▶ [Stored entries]
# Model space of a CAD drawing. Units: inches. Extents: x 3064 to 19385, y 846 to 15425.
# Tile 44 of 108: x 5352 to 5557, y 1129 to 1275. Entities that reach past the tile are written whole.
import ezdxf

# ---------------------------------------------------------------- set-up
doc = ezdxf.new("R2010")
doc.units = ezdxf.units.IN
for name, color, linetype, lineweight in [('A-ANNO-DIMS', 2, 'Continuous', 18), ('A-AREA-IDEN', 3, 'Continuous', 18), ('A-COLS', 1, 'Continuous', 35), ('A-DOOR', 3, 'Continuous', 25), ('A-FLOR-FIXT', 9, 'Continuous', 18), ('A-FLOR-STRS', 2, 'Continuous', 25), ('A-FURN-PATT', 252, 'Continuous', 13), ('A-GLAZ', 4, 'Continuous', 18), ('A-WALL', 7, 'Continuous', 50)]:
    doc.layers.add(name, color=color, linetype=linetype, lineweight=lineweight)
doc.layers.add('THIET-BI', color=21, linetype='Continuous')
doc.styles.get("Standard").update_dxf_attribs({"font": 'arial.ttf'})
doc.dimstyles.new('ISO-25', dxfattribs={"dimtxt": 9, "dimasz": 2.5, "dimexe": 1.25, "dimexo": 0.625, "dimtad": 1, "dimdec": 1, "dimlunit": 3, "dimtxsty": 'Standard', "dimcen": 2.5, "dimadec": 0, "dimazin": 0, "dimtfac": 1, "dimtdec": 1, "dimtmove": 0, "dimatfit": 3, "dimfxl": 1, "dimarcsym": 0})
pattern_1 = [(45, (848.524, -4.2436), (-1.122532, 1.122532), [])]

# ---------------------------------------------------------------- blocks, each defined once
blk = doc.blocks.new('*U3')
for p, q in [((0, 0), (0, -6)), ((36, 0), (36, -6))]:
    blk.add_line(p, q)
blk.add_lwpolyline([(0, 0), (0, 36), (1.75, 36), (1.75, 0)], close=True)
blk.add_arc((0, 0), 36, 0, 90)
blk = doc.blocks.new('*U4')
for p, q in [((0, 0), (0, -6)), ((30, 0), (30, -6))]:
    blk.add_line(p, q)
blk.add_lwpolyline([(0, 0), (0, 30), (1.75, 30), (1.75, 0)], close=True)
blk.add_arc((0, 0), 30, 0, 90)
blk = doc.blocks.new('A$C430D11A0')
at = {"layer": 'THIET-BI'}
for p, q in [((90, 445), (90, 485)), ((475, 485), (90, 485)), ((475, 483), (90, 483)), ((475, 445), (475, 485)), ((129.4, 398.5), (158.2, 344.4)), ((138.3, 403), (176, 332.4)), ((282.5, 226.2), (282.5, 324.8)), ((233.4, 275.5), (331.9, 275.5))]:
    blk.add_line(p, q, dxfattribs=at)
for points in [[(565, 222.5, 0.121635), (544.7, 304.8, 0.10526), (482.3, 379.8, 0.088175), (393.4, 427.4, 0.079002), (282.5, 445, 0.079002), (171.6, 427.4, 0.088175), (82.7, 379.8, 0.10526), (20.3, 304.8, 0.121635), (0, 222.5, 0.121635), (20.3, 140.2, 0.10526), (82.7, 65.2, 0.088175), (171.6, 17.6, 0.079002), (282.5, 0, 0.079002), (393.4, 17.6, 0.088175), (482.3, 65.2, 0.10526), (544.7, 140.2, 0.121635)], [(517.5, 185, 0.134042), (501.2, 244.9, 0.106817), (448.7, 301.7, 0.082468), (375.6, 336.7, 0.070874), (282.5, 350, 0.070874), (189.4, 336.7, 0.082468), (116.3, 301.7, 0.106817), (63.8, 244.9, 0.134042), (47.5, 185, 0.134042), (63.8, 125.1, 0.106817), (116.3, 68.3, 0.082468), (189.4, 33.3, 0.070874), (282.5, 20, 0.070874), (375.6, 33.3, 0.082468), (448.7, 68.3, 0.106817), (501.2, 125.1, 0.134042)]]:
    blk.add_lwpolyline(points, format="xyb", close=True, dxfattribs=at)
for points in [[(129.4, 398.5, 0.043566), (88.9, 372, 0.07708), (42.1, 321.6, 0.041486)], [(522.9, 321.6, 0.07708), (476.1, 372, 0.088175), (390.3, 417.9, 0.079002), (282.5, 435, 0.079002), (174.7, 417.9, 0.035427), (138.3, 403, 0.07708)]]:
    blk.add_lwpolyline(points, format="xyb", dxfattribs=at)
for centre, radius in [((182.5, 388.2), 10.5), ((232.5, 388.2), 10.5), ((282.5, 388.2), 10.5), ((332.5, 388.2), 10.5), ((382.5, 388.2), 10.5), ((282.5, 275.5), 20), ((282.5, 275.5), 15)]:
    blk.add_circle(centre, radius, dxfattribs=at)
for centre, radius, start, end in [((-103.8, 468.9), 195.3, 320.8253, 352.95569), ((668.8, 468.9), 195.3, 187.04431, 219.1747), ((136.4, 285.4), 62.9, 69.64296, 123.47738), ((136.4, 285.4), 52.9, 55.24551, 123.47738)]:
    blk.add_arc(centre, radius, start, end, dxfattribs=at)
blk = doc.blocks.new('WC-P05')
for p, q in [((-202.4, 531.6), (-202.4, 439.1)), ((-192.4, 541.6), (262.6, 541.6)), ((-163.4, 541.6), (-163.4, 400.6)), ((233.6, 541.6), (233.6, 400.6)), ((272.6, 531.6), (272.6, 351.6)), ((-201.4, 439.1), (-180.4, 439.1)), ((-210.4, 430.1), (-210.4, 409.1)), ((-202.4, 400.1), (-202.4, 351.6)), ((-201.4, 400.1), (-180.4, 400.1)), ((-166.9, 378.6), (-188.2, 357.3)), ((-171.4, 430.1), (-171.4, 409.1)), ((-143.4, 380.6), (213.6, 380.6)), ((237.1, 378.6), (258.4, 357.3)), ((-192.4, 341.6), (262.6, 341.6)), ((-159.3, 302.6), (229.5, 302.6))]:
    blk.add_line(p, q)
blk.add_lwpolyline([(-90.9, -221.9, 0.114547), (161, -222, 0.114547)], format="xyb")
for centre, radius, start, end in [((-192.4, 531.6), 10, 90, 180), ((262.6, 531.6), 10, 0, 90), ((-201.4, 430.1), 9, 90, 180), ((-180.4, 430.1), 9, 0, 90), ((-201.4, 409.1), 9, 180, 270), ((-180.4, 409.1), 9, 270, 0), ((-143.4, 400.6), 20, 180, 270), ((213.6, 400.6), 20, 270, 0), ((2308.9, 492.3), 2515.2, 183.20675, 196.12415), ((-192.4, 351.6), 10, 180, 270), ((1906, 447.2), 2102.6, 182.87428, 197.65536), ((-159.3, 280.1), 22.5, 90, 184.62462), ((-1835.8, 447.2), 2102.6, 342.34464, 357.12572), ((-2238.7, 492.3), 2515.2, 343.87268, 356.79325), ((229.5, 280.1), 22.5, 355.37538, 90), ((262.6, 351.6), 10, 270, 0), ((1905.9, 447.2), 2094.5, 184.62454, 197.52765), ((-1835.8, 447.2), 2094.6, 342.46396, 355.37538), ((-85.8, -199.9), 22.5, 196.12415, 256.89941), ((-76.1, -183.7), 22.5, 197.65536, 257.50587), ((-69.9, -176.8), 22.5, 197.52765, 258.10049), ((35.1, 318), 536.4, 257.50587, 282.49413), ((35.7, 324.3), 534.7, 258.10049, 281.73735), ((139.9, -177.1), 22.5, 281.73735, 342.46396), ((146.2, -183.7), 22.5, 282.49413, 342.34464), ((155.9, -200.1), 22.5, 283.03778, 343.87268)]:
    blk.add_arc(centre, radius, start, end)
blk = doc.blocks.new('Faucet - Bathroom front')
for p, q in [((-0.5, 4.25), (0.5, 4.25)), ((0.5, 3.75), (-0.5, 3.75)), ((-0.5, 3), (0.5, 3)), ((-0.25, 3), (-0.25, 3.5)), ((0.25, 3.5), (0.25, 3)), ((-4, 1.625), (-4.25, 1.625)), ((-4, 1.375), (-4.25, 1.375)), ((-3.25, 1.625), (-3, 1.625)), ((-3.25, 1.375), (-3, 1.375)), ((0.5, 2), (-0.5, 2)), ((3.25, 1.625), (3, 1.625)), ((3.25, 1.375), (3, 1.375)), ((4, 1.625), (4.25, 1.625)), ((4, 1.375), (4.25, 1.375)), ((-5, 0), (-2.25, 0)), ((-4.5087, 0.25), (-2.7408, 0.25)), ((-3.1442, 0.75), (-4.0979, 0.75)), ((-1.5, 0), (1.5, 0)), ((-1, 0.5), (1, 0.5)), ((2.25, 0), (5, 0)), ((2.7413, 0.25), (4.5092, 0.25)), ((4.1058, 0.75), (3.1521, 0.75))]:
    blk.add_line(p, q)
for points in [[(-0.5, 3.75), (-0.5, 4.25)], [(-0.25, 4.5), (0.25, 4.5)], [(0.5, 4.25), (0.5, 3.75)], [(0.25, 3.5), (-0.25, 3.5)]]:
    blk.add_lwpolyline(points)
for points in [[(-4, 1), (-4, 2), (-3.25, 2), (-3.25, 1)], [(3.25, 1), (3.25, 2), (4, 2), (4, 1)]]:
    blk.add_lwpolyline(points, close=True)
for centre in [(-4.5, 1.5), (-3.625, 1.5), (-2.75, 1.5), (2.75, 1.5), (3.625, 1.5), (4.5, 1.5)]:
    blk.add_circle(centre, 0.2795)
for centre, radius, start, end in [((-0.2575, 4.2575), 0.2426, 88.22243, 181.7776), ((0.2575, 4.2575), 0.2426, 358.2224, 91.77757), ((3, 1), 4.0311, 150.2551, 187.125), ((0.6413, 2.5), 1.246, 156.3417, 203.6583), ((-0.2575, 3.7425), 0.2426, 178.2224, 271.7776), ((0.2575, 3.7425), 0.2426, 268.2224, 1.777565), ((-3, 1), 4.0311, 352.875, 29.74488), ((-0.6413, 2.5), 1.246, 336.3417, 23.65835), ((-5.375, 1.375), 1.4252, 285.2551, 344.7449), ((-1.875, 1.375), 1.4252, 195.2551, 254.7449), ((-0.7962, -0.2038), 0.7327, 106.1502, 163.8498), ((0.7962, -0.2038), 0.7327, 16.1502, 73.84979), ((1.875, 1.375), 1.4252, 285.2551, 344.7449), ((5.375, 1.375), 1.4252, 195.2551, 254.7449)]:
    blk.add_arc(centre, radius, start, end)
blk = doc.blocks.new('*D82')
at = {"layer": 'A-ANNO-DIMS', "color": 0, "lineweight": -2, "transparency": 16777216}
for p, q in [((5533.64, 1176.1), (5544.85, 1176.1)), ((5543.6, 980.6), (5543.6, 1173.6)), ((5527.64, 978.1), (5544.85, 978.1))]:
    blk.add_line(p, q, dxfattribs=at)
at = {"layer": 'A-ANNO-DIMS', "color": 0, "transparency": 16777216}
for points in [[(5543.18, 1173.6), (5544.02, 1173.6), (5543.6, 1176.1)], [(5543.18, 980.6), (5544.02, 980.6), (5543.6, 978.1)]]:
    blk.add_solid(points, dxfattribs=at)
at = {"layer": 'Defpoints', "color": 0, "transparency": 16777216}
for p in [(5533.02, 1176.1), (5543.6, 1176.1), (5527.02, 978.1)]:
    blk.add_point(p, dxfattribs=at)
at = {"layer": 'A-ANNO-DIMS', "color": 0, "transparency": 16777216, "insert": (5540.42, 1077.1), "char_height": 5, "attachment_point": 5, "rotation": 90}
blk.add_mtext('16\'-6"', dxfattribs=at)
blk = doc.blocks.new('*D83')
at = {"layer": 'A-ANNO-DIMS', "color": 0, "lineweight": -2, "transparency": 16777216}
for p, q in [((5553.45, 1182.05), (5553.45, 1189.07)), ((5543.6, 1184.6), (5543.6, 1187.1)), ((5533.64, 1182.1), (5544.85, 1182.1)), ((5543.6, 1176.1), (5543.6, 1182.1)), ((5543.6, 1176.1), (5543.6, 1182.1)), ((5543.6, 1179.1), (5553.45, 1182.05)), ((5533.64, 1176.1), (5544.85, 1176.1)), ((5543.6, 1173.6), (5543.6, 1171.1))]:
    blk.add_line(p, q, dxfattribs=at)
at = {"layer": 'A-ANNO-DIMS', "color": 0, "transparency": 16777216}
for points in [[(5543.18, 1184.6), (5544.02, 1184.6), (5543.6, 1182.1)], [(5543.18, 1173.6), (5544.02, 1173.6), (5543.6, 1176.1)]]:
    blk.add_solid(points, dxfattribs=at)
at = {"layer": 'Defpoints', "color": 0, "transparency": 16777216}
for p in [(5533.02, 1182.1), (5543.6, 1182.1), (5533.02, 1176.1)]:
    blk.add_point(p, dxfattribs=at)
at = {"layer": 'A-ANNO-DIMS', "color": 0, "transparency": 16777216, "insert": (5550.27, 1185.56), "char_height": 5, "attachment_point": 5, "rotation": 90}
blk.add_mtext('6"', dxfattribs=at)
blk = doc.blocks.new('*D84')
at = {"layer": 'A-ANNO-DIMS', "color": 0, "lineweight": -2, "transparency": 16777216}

▶ [What you will do] Select every line of the records holding the string "insert".

▶ [Result of this exercise]
at = {"layer": 'A-ANNO-DIMS', "color": 0, "transparency": 16777216, "insert": (5540.42, 1077.1), "char_height": 5, "attachment_point": 5, "rotation": 90}
at = {"layer": 'A-ANNO-DIMS', "color": 0, "transparency": 16777216, "insert": (5550.27, 1185.56), "char_height": 5, "attachment_point": 5, "rotation": 90}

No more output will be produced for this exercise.